==== Data for the task

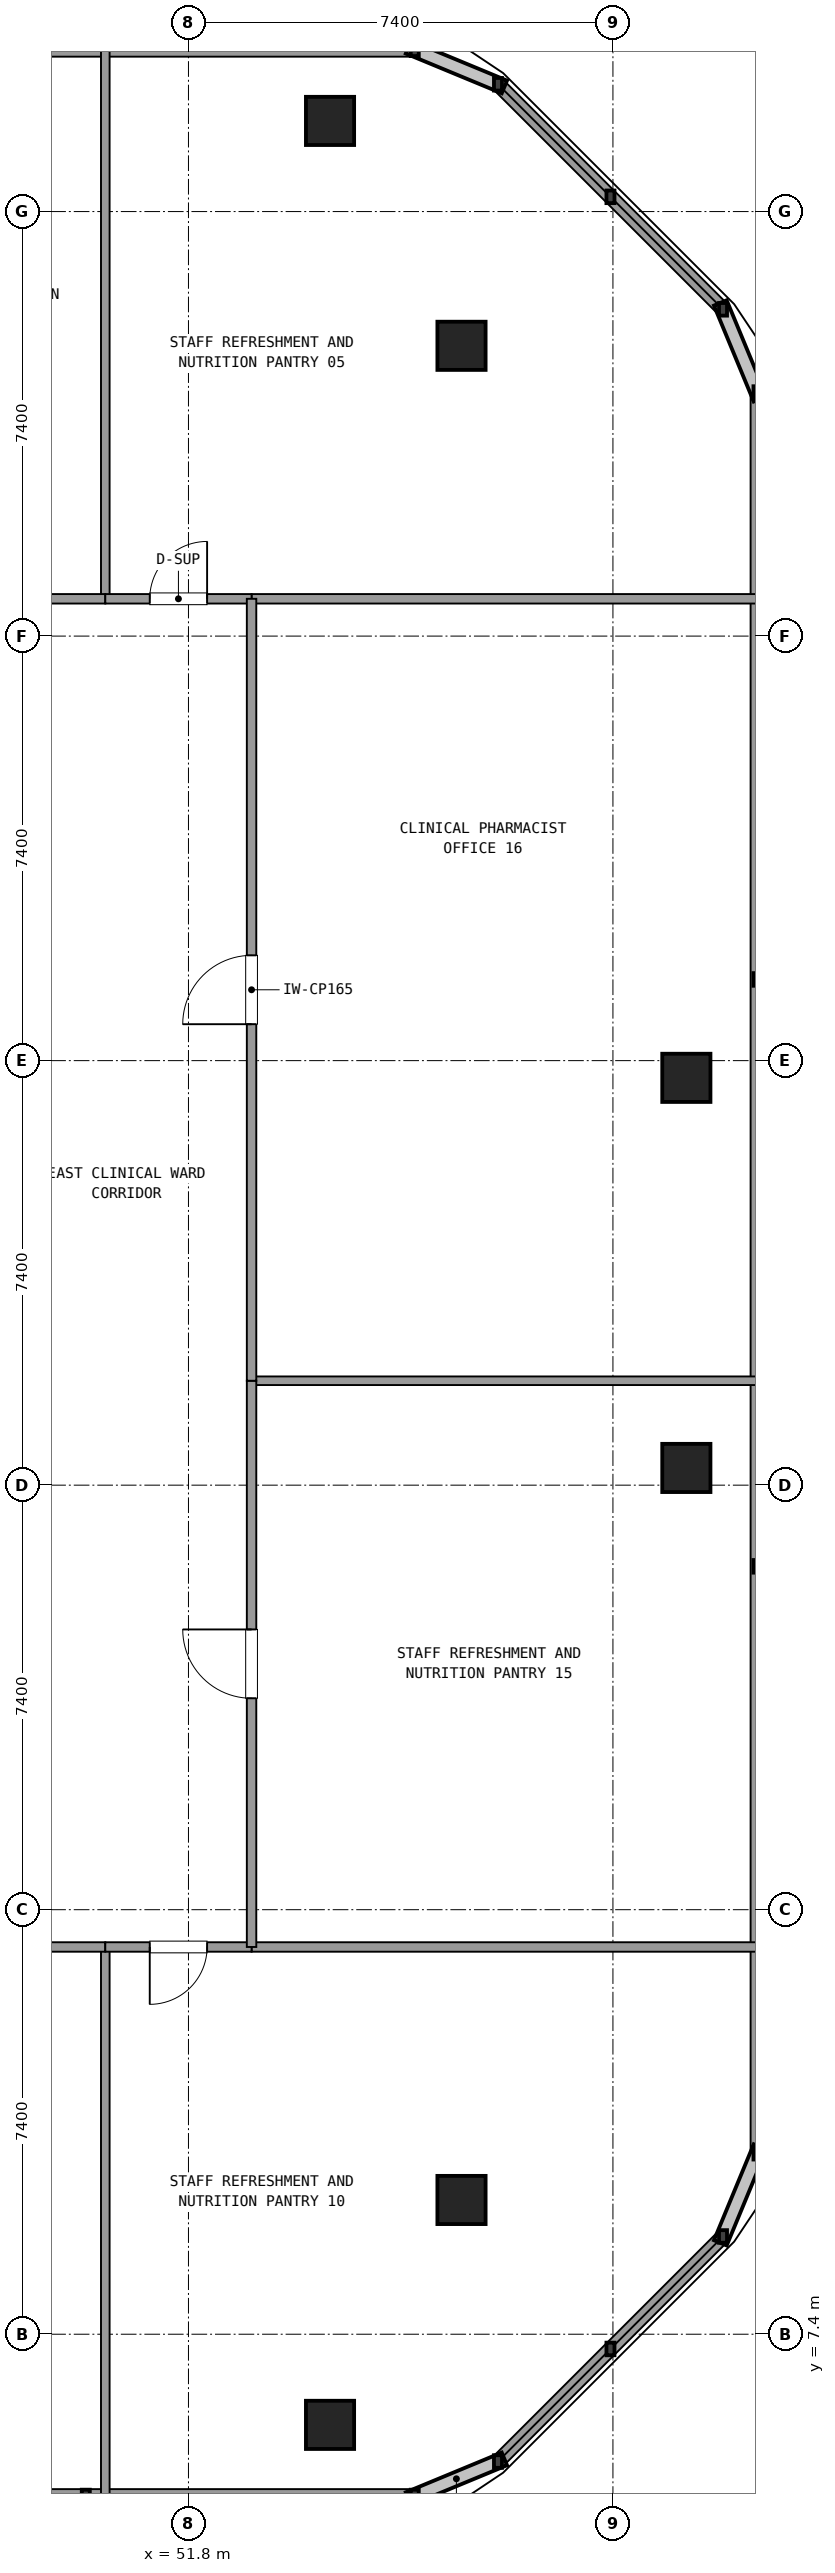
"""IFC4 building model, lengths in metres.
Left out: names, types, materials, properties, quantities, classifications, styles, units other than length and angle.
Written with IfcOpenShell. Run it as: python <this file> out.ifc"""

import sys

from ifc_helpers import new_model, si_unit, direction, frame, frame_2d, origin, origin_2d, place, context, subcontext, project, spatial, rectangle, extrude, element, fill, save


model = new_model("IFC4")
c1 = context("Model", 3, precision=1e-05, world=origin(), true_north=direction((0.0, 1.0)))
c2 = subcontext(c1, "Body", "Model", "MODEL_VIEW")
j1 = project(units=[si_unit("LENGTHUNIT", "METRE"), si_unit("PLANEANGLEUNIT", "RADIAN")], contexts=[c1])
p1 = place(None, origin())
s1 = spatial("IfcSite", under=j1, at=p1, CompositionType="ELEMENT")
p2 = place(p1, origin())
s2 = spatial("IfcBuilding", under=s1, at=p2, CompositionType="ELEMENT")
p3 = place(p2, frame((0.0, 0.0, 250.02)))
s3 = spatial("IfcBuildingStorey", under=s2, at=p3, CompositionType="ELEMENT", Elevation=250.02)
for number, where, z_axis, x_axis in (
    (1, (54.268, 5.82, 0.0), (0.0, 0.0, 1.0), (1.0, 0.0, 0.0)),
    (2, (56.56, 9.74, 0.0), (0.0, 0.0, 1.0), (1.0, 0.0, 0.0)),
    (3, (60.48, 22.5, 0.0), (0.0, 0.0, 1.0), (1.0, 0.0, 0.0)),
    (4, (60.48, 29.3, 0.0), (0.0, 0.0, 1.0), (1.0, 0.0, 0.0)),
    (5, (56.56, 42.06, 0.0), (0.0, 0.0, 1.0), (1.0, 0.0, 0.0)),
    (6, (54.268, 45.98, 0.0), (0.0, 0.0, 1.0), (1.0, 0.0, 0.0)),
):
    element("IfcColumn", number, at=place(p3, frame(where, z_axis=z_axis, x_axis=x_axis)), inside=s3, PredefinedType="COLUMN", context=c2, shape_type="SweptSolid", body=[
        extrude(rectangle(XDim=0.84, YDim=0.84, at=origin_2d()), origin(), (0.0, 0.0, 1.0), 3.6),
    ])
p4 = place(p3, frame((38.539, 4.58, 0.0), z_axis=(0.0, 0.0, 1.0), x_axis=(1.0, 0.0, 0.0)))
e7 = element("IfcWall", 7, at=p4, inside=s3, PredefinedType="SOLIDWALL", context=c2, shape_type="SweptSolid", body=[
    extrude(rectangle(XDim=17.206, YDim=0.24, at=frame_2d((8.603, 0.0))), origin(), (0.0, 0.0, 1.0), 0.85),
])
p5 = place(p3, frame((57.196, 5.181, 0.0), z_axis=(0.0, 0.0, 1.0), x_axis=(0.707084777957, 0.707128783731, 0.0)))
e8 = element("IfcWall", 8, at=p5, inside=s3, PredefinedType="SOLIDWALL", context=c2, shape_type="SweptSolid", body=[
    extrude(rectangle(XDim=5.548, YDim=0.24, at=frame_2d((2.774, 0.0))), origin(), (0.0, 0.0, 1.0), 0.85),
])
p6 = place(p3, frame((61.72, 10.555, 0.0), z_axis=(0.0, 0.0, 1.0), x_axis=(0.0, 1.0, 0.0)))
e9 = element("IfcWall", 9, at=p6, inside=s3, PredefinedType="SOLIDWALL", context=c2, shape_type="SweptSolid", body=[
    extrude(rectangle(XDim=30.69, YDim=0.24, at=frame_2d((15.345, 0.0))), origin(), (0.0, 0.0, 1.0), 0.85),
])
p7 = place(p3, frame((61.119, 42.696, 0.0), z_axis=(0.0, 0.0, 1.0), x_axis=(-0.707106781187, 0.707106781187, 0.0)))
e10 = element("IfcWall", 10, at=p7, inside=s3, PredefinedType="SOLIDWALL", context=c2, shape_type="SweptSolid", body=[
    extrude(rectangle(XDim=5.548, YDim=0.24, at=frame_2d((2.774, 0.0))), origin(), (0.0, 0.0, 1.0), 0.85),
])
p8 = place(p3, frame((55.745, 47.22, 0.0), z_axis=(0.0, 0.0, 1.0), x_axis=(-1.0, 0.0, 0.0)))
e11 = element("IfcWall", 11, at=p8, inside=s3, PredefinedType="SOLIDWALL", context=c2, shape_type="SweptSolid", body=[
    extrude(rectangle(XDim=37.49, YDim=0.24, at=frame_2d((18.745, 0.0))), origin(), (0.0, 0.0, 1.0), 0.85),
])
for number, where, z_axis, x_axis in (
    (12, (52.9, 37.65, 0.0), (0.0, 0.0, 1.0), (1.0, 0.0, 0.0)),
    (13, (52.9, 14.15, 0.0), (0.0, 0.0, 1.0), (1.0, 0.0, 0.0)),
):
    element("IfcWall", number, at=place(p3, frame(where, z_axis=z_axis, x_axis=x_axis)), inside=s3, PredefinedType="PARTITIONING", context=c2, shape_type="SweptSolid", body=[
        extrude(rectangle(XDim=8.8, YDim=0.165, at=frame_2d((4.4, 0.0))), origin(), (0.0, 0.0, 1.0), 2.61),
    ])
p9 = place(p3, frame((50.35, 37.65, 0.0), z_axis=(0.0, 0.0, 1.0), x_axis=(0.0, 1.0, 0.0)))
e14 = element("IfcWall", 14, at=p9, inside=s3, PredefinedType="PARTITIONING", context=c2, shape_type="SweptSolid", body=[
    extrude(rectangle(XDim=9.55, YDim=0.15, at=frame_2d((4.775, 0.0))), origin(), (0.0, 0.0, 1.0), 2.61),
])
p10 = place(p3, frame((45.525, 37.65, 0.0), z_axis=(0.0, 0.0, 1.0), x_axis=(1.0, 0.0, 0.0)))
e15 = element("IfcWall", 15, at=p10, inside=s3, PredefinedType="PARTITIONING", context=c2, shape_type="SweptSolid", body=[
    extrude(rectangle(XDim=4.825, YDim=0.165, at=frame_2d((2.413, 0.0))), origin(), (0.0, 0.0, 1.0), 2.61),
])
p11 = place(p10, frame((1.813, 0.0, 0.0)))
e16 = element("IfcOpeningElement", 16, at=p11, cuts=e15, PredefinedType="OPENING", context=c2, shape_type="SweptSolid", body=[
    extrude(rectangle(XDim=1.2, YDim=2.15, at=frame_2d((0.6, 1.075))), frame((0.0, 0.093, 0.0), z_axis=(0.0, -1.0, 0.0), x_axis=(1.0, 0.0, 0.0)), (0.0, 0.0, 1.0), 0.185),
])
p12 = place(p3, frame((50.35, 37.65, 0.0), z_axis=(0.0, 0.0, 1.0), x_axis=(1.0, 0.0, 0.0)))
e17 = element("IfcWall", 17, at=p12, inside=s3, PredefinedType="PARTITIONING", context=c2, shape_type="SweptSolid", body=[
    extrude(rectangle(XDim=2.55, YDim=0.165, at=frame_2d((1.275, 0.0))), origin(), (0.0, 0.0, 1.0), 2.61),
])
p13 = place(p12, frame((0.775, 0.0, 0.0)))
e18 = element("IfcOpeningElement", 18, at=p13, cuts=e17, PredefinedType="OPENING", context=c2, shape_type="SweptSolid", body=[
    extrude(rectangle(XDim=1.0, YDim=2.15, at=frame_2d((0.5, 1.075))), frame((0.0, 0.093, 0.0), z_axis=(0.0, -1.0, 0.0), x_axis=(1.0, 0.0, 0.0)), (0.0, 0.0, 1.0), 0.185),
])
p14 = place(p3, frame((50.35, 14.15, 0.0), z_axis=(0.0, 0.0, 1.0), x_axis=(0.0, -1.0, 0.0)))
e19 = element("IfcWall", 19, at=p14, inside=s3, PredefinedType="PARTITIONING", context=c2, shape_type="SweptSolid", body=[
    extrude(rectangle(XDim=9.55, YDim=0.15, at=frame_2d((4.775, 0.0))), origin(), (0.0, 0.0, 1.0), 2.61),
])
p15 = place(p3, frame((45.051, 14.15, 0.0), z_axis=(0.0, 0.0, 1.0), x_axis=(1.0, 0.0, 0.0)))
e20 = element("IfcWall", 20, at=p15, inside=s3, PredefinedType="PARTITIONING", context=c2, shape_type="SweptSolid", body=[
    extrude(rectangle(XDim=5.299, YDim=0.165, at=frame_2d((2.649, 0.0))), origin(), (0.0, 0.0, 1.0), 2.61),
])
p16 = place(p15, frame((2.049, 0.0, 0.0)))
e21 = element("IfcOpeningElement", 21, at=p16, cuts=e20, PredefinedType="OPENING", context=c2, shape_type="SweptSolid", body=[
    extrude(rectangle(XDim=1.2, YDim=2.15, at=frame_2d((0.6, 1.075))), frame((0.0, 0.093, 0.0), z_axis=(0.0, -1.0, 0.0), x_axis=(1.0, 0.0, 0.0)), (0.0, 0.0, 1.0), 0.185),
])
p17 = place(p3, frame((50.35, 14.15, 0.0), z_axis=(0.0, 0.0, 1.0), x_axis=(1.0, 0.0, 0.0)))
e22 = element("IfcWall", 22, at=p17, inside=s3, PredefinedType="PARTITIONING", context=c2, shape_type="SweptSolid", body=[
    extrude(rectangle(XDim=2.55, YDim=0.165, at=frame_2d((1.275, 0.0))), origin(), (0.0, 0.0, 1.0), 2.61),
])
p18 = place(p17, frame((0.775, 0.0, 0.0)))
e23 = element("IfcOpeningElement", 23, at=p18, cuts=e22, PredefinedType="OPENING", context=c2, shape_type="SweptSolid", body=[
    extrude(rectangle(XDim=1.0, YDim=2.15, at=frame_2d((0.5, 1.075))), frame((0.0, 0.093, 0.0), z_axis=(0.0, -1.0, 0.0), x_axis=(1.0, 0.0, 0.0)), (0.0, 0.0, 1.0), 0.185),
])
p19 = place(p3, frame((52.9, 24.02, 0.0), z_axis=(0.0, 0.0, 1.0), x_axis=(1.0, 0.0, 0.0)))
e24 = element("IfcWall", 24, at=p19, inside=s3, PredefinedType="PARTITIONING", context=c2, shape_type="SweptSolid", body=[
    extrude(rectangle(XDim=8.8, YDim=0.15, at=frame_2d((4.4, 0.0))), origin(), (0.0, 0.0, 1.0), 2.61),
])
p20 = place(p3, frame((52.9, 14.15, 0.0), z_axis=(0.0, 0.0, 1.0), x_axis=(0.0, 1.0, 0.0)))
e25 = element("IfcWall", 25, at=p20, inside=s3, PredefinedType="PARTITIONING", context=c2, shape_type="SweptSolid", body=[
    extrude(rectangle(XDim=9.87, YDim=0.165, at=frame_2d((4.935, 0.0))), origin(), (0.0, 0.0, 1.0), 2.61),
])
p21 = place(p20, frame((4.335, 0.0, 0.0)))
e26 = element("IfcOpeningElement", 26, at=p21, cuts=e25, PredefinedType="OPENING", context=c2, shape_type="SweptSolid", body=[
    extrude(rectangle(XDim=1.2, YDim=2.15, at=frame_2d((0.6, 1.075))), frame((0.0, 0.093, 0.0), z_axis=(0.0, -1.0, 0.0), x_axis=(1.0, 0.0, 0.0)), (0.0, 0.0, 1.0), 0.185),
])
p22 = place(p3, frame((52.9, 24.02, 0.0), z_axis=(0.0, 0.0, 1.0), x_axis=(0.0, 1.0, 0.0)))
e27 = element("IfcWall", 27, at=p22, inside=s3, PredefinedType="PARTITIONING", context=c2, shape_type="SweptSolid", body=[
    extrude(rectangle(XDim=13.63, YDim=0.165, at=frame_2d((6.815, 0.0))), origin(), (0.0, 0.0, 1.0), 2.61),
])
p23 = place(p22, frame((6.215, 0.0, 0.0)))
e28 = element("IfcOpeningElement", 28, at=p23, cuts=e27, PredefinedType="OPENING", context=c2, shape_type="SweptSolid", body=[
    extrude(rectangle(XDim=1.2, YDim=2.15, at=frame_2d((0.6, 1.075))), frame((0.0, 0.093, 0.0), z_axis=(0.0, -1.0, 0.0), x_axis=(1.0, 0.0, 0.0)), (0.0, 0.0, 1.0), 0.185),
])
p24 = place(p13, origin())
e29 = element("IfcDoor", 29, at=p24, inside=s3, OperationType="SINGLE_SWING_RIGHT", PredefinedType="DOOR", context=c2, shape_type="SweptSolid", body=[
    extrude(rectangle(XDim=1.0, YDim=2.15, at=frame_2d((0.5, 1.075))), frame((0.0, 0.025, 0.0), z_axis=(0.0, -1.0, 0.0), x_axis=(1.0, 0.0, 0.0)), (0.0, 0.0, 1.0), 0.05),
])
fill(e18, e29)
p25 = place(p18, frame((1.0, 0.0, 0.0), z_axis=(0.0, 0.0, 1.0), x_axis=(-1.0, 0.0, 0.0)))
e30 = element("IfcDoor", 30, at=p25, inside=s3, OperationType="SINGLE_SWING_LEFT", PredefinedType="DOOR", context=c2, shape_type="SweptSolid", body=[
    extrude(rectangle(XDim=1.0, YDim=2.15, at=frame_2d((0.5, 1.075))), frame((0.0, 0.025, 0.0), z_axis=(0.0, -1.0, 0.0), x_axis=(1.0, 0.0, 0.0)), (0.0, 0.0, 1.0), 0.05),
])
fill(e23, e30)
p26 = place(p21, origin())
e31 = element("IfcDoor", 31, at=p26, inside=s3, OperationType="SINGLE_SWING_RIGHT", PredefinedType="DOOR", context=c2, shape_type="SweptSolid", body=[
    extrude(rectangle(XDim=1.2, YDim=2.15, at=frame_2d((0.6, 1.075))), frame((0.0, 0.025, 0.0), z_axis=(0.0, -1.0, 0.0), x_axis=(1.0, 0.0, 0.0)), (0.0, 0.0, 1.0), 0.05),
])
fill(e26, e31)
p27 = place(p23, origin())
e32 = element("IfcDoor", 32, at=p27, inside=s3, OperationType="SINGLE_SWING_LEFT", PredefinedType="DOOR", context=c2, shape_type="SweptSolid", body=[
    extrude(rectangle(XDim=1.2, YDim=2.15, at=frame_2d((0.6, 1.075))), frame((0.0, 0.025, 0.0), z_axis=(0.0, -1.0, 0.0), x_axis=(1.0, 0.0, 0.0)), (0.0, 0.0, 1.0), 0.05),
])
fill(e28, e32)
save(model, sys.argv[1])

========

◆ Directions
Nothing but a number belongs in the answer: the number of lines above that contain "units".

◆ Response to this task
2